[TASK]:
Return every line from the records below that has the word "IfcColumn".

+---+

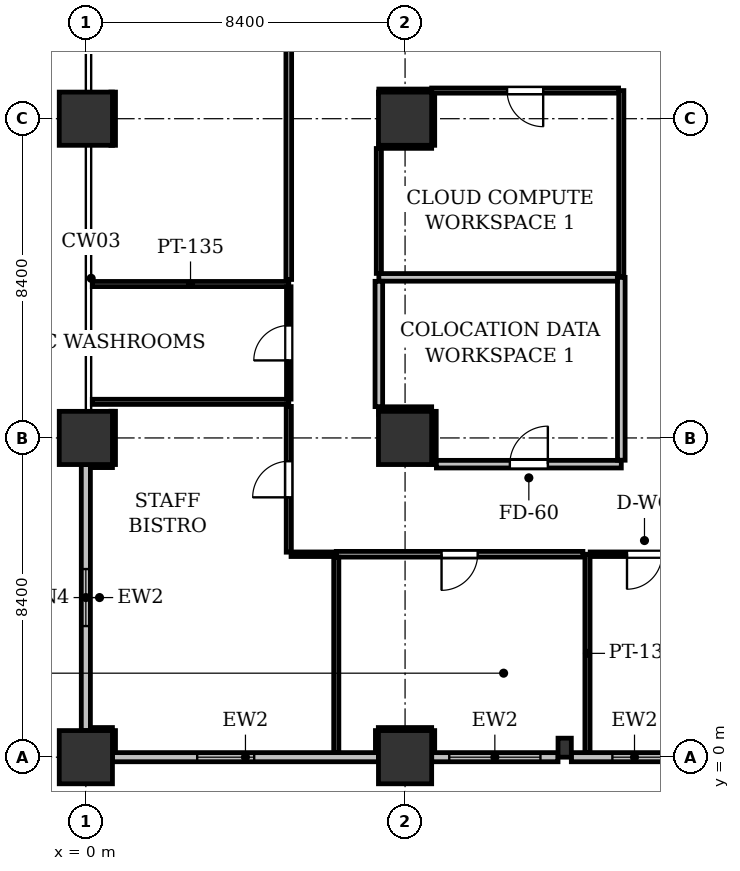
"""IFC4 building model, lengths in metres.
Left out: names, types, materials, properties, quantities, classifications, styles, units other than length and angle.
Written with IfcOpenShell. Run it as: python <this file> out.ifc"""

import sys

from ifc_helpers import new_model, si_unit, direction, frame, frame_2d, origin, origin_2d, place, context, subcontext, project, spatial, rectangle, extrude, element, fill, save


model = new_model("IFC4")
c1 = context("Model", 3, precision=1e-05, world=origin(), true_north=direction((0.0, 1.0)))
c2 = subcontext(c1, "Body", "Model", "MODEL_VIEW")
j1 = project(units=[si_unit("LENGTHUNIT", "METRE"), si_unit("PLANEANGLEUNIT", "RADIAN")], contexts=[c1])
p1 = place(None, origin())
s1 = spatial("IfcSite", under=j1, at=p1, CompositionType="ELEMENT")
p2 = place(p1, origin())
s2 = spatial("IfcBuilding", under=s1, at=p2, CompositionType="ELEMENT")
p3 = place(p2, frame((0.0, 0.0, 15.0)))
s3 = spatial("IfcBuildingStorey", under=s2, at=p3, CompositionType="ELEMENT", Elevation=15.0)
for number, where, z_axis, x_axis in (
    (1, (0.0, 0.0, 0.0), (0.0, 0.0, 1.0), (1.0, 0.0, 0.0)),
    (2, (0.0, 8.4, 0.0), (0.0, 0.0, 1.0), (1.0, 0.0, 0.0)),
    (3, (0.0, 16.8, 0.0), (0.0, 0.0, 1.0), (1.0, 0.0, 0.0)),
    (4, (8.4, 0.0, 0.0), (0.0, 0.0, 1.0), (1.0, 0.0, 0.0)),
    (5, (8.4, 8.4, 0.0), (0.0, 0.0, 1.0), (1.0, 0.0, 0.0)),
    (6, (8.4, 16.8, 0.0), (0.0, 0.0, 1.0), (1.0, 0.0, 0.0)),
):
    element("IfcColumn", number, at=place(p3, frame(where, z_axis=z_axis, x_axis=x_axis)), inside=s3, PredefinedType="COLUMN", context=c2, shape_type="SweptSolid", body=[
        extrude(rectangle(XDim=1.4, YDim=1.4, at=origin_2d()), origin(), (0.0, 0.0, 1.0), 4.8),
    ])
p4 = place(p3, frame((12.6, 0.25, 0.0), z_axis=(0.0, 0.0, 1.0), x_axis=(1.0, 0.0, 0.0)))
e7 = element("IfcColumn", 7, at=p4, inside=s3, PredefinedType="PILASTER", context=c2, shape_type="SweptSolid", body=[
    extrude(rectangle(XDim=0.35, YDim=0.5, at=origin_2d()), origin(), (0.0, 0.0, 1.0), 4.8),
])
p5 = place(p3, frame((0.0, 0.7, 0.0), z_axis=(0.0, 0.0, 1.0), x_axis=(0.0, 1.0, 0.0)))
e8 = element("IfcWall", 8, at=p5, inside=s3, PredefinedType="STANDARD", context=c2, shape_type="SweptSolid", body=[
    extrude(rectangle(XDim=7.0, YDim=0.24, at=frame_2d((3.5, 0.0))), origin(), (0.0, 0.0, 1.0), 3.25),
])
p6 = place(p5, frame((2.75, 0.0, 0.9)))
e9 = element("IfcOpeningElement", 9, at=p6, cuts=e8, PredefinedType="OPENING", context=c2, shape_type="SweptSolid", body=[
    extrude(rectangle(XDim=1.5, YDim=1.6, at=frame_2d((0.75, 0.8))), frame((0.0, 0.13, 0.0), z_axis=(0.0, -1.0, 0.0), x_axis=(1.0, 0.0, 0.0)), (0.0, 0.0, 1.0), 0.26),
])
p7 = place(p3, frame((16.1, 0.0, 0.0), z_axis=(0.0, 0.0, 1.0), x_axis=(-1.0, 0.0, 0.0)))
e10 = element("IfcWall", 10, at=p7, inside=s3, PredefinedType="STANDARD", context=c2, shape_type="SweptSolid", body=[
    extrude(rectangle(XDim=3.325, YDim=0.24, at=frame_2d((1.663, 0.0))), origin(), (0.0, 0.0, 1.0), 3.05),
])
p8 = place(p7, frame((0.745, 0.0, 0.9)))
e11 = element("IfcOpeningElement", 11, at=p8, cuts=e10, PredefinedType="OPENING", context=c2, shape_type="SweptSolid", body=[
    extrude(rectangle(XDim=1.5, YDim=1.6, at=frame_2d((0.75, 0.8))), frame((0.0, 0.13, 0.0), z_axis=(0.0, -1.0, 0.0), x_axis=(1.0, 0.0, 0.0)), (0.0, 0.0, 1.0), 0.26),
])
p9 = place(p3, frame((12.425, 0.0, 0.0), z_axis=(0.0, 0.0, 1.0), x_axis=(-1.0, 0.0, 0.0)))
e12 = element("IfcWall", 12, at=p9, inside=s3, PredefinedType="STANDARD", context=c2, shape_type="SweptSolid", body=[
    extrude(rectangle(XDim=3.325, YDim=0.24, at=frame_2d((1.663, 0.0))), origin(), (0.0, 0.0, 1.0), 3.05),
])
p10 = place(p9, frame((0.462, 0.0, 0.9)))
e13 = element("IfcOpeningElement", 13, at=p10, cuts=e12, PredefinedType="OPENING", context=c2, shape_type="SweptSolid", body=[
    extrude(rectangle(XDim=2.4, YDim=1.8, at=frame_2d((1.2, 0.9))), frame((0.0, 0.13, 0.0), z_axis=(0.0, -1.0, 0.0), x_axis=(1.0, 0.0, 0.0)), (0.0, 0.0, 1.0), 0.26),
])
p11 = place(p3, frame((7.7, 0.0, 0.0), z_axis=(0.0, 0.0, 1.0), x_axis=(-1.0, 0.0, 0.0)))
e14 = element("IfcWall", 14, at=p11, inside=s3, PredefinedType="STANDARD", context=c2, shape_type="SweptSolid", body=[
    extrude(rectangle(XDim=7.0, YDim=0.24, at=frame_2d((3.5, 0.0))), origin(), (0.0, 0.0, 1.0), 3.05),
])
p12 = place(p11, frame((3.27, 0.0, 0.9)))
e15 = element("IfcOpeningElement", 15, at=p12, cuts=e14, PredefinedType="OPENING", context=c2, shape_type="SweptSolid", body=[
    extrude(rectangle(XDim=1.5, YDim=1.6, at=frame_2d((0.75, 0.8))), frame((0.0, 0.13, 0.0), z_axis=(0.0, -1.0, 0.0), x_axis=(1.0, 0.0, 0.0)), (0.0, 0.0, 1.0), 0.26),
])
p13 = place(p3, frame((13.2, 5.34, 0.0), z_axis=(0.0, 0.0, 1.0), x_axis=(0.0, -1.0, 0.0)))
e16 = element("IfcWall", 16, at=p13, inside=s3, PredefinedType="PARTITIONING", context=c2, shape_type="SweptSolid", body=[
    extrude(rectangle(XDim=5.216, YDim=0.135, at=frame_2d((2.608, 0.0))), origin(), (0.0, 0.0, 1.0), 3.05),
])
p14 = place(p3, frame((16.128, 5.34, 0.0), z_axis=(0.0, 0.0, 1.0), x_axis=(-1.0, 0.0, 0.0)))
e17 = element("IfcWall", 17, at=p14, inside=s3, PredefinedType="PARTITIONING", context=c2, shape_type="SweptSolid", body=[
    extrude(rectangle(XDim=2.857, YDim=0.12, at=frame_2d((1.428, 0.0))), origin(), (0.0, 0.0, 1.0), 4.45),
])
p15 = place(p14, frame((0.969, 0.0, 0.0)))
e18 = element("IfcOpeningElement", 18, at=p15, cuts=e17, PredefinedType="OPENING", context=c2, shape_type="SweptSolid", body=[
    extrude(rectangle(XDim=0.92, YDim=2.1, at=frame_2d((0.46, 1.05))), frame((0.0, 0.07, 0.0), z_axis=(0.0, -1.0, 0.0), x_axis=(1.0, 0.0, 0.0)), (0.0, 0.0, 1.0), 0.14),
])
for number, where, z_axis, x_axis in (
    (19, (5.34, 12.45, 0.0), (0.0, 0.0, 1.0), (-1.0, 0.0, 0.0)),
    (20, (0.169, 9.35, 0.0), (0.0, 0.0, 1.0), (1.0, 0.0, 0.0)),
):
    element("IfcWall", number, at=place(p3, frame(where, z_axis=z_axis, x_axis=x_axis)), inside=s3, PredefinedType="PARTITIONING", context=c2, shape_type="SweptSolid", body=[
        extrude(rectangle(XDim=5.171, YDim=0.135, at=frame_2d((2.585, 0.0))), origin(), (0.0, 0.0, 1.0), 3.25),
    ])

+---+

[YOUR RESPONSE]:
    element("IfcColumn", number, at=place(p3, frame(where, z_axis=z_axis, x_axis=x_axis)), inside=s3, PredefinedType="COLUMN", context=c2, shape_type="SweptSolid", body=[
e7 = element("IfcColumn", 7, at=p4, inside=s3, PredefinedType="PILASTER", context=c2, shape_type="SweptSolid", body=[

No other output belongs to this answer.